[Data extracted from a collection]
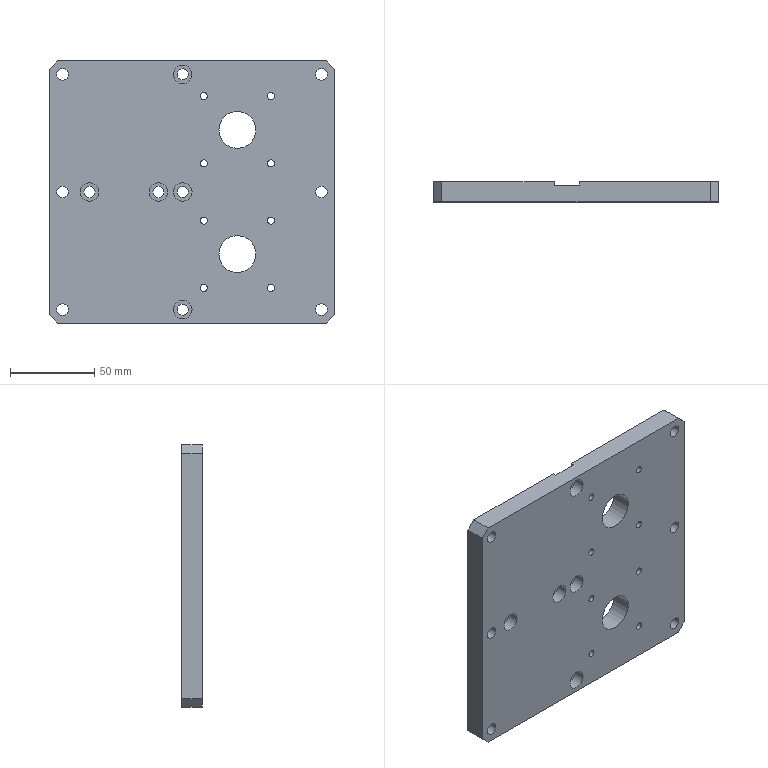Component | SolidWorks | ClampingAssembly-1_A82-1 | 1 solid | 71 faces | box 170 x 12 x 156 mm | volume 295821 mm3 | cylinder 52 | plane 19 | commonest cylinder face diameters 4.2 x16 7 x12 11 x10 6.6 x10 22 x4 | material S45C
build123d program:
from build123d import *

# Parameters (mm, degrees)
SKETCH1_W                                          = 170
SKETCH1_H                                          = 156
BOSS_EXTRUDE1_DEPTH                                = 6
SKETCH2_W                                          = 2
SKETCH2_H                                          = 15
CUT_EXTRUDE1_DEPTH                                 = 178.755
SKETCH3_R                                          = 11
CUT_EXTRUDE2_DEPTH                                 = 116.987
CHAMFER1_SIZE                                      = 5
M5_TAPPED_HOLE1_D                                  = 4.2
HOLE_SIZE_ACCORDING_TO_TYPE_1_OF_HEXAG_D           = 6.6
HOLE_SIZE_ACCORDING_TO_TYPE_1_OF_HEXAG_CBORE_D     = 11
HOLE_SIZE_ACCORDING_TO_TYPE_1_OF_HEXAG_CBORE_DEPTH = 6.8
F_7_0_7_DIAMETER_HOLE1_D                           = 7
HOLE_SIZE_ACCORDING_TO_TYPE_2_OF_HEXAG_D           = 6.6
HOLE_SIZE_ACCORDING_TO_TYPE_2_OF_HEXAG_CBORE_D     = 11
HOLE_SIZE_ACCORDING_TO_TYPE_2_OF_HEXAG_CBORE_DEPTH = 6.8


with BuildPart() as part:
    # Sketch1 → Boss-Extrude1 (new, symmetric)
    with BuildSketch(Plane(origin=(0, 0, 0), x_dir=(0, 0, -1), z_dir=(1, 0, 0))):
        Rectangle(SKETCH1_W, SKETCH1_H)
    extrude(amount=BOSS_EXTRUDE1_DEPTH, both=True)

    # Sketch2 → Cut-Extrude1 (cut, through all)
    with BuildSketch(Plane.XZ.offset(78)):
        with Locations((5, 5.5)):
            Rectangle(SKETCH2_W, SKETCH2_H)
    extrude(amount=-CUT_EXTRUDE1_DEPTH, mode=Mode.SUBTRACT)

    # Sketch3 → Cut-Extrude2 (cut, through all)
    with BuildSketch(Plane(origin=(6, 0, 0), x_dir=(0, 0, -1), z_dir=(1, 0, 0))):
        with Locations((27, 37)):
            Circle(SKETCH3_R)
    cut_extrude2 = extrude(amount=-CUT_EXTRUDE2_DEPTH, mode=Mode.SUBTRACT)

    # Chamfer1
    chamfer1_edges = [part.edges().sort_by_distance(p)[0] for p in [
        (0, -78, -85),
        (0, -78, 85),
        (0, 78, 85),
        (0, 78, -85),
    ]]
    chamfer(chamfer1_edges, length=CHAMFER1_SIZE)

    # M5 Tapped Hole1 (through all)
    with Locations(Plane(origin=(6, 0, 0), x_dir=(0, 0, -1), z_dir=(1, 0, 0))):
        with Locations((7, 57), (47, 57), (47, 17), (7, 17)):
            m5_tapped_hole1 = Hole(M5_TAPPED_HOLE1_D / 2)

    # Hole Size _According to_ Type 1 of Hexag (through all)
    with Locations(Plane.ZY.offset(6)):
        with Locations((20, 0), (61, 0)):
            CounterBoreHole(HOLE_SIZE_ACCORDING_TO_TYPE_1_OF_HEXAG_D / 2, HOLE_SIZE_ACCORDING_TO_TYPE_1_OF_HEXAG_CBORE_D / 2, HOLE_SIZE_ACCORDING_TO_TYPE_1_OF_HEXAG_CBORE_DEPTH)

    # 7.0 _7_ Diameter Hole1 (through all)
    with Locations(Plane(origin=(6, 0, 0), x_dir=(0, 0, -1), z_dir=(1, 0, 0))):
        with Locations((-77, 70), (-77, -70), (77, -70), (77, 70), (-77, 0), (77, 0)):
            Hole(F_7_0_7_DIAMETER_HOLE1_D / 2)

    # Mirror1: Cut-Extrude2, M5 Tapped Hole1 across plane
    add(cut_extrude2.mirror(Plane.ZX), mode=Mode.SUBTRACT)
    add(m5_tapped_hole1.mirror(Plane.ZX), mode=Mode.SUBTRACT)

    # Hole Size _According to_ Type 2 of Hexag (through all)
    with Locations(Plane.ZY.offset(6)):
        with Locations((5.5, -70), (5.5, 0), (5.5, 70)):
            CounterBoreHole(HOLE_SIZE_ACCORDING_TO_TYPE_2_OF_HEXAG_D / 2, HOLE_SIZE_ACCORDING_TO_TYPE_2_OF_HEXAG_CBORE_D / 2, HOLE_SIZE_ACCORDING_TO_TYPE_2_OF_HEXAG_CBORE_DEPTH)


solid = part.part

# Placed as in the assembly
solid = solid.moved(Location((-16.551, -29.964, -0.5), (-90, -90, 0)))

*WHAT TO PRODUCE*: Write only the number of lines in the data where the word "BuildSketch" occurs.

*YOUR SOLUTION*: 3